=== Task inputs ===
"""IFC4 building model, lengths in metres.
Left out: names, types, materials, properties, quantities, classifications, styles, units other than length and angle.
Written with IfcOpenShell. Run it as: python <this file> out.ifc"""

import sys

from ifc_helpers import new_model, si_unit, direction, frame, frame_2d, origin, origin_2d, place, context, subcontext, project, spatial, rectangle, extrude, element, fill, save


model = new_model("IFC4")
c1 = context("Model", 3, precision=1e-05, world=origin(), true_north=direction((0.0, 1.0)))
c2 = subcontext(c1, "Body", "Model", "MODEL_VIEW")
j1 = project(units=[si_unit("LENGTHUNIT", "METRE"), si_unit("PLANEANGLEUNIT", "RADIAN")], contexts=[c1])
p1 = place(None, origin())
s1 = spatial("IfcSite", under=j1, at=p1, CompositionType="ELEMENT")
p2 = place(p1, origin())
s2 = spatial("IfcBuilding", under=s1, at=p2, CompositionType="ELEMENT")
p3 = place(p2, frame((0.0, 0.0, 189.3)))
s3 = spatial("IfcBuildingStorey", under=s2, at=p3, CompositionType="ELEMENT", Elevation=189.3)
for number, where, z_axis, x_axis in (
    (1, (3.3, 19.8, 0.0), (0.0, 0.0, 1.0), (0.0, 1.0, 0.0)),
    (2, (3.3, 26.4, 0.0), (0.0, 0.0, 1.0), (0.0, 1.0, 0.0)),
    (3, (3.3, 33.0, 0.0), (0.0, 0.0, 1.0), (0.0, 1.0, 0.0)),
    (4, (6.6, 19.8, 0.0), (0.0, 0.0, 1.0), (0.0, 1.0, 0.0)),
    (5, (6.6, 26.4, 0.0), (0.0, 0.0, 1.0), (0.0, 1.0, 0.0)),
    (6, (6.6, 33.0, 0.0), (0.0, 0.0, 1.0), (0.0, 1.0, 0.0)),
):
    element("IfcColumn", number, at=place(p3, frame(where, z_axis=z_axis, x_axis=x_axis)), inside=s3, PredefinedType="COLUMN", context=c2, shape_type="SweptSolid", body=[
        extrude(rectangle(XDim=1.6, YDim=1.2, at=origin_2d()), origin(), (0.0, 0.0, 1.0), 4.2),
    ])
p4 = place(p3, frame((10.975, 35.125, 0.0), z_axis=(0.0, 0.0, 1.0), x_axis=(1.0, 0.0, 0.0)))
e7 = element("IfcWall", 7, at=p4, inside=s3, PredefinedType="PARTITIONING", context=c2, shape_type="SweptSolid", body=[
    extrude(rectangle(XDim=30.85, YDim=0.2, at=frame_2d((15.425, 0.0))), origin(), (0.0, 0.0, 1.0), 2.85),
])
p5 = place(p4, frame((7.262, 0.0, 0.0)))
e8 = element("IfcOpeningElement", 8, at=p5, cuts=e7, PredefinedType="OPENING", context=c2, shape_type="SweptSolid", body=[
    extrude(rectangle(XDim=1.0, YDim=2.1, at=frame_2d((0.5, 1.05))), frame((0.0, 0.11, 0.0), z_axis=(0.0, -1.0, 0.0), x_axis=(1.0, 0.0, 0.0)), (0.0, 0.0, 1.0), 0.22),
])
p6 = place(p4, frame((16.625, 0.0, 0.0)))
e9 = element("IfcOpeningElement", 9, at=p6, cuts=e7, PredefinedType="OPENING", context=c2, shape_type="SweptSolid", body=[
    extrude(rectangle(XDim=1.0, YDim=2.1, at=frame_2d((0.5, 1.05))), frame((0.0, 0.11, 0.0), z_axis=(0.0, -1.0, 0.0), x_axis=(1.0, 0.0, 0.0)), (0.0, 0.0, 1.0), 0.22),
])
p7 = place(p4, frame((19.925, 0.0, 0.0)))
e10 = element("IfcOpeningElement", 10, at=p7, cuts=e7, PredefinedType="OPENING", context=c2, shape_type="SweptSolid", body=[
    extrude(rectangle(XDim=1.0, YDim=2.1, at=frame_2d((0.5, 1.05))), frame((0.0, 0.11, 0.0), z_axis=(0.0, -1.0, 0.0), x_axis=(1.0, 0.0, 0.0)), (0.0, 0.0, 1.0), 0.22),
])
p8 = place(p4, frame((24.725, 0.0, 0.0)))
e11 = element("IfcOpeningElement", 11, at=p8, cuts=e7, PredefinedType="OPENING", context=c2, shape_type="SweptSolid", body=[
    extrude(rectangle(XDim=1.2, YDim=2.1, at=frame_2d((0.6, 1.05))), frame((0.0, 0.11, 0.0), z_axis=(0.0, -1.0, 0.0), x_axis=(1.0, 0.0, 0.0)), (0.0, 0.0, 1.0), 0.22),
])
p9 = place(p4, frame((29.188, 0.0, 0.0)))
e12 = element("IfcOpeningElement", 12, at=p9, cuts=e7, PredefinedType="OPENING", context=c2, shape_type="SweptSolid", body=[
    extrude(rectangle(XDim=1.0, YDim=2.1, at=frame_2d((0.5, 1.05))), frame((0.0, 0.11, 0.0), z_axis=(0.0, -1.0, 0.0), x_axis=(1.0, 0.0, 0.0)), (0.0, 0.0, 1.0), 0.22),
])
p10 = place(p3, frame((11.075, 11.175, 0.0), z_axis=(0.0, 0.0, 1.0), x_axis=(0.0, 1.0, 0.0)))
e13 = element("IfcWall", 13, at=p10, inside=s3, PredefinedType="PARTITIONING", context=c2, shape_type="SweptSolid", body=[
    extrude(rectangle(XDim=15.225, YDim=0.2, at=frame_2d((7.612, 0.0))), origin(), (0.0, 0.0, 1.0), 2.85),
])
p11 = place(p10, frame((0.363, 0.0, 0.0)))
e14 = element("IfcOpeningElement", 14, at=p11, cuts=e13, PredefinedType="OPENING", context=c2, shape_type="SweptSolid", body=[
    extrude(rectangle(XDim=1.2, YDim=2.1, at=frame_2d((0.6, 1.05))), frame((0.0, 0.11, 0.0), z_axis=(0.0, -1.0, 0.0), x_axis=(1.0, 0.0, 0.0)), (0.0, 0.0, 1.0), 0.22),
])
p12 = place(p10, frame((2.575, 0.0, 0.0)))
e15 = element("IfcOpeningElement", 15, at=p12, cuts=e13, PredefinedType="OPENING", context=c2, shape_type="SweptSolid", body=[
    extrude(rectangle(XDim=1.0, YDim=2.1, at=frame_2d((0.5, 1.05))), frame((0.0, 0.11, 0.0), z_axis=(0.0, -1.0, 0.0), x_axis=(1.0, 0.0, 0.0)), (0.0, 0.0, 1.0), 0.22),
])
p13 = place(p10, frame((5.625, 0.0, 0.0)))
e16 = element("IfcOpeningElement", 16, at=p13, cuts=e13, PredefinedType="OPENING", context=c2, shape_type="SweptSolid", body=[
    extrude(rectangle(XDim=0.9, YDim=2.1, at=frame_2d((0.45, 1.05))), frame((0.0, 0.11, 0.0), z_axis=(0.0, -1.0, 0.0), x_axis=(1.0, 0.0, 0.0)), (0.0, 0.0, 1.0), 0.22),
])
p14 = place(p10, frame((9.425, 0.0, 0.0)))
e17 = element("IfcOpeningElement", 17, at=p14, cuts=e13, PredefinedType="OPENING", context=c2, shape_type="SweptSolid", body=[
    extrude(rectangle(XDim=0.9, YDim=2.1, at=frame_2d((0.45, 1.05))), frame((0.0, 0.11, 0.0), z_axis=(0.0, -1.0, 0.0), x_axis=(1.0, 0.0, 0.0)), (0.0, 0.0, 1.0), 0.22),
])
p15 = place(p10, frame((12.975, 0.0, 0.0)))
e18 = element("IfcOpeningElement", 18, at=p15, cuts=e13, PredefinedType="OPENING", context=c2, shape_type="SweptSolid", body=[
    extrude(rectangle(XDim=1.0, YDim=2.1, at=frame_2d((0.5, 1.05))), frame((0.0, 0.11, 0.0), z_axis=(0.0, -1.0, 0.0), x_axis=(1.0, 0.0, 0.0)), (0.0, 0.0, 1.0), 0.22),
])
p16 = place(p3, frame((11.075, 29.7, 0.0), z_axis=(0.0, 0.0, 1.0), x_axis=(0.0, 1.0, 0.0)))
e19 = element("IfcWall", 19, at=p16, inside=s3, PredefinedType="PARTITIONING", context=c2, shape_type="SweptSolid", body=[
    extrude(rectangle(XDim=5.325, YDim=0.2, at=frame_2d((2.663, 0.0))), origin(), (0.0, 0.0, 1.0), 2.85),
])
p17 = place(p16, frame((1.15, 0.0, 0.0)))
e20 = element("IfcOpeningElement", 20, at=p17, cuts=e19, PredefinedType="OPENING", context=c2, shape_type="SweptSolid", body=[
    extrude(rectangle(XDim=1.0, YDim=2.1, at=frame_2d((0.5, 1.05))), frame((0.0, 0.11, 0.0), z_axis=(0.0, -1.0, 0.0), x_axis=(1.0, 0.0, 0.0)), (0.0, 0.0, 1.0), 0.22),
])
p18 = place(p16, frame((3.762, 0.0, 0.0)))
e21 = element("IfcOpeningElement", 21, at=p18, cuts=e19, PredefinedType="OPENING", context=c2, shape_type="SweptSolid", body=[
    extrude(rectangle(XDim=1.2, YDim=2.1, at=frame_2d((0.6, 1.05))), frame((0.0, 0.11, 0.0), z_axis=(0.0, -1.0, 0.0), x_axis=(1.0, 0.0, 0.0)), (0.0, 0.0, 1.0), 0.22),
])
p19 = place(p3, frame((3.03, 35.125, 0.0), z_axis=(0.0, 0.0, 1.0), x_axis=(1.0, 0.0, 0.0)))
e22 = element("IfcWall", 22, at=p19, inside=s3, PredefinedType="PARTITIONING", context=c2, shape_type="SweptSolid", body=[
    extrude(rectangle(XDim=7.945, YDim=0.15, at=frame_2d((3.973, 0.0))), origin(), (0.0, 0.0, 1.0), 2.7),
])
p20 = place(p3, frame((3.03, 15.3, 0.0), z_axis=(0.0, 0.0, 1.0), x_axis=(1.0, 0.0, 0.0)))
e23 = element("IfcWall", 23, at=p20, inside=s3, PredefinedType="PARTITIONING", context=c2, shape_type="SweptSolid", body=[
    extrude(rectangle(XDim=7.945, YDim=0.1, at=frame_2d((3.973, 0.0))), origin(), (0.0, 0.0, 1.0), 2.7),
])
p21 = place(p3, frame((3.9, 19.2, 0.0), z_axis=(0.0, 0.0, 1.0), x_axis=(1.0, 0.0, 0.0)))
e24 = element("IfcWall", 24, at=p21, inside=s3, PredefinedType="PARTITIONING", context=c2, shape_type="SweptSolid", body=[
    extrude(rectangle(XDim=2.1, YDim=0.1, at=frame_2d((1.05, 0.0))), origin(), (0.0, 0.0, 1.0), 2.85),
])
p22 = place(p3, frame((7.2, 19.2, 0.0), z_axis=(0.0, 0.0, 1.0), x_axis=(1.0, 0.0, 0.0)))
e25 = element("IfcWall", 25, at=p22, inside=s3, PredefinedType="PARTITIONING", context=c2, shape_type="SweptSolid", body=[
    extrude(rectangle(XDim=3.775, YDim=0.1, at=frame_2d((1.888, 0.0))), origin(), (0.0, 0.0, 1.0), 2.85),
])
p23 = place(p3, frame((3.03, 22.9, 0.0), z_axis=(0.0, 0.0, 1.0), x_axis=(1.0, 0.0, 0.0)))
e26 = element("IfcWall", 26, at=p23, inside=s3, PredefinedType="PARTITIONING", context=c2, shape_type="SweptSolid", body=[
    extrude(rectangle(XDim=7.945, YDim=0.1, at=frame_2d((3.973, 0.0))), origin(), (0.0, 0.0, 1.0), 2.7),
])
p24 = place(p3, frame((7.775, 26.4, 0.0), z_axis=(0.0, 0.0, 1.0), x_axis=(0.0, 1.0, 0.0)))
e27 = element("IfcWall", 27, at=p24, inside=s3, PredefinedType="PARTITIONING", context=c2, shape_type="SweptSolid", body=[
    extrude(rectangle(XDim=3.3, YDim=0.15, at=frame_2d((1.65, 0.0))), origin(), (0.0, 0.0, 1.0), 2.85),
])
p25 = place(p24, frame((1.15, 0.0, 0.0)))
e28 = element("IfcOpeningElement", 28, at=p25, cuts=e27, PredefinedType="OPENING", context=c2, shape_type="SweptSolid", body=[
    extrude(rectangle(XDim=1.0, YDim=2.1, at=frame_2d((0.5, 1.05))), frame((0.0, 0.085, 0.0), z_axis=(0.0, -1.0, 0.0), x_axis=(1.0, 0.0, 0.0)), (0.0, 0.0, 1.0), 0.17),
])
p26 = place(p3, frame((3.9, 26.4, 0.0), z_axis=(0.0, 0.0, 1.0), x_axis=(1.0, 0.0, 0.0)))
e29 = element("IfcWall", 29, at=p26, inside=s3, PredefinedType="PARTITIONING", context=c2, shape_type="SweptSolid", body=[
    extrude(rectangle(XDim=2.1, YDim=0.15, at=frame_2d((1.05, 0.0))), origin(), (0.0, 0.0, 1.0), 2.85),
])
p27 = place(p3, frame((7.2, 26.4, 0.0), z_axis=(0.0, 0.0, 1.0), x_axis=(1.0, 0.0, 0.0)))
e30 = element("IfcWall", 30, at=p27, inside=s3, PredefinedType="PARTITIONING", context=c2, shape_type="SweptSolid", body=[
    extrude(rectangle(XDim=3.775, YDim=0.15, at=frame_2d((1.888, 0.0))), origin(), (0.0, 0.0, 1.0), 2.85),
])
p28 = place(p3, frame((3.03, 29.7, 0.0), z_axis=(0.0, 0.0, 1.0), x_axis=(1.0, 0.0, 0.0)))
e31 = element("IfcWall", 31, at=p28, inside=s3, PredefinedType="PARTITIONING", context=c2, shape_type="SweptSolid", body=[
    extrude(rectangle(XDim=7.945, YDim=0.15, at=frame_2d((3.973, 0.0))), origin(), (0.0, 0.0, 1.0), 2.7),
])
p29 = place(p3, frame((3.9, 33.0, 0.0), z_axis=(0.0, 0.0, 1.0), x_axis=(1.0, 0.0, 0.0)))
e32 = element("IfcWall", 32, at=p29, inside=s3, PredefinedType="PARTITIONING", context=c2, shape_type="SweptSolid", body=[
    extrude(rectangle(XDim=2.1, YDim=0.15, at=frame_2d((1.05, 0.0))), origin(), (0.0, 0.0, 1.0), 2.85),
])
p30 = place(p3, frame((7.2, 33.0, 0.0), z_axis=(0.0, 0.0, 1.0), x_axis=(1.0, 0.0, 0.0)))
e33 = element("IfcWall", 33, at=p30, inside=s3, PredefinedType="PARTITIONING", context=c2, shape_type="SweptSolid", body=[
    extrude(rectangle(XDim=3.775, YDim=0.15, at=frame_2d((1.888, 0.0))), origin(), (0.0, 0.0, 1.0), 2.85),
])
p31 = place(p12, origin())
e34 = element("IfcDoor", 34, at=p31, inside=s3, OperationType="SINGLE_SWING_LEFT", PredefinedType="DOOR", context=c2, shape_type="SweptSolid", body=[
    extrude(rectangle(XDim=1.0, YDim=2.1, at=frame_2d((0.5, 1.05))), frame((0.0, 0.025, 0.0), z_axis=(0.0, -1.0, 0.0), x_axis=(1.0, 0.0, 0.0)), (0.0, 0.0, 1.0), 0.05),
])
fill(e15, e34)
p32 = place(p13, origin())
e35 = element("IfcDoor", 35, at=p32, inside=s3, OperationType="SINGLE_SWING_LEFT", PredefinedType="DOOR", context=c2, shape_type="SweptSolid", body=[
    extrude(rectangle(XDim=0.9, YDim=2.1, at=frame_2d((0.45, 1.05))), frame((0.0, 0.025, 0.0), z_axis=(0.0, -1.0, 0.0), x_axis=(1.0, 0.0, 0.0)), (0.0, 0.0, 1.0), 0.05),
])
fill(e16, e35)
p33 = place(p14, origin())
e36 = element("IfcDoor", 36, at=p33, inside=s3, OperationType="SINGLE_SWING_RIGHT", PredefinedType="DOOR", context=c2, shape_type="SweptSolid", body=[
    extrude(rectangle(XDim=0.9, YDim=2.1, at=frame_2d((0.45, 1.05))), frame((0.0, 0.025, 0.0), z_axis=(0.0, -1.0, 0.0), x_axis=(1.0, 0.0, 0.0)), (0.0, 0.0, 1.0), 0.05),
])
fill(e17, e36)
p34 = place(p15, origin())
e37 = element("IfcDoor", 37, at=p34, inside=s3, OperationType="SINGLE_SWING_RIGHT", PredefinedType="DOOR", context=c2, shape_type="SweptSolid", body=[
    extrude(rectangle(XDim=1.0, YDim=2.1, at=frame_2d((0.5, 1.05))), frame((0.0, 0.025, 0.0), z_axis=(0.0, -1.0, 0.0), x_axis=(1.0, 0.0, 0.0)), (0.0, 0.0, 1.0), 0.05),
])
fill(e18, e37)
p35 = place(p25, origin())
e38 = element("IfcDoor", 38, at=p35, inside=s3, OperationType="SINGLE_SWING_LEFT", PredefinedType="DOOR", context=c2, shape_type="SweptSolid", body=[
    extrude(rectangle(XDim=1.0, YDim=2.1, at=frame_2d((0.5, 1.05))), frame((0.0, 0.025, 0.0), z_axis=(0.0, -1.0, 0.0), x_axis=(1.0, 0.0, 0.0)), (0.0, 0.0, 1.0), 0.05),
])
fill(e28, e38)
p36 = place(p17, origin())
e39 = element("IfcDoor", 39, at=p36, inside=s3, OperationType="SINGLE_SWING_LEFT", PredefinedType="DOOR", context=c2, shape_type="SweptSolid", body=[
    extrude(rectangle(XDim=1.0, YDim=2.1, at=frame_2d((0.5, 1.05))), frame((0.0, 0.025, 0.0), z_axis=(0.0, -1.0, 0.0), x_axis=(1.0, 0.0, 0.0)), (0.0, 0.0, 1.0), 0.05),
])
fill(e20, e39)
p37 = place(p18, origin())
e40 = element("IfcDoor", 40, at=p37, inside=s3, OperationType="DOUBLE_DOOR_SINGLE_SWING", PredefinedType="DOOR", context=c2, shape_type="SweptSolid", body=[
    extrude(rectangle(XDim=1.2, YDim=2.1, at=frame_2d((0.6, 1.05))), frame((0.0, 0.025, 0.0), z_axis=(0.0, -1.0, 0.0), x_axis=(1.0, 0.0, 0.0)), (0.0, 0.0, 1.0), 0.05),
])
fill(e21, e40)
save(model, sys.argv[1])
===
**Task statement:**
Find every line in the records that uses the string "under", then copy it.

**Your response:**
s1 = spatial("IfcSite", under=j1, at=p1, CompositionType="ELEMENT")
s2 = spatial("IfcBuilding", under=s1, at=p2, CompositionType="ELEMENT")
s3 = spatial("IfcBuildingStorey", under=s2, at=p3, CompositionType="ELEMENT", Elevation=189.3)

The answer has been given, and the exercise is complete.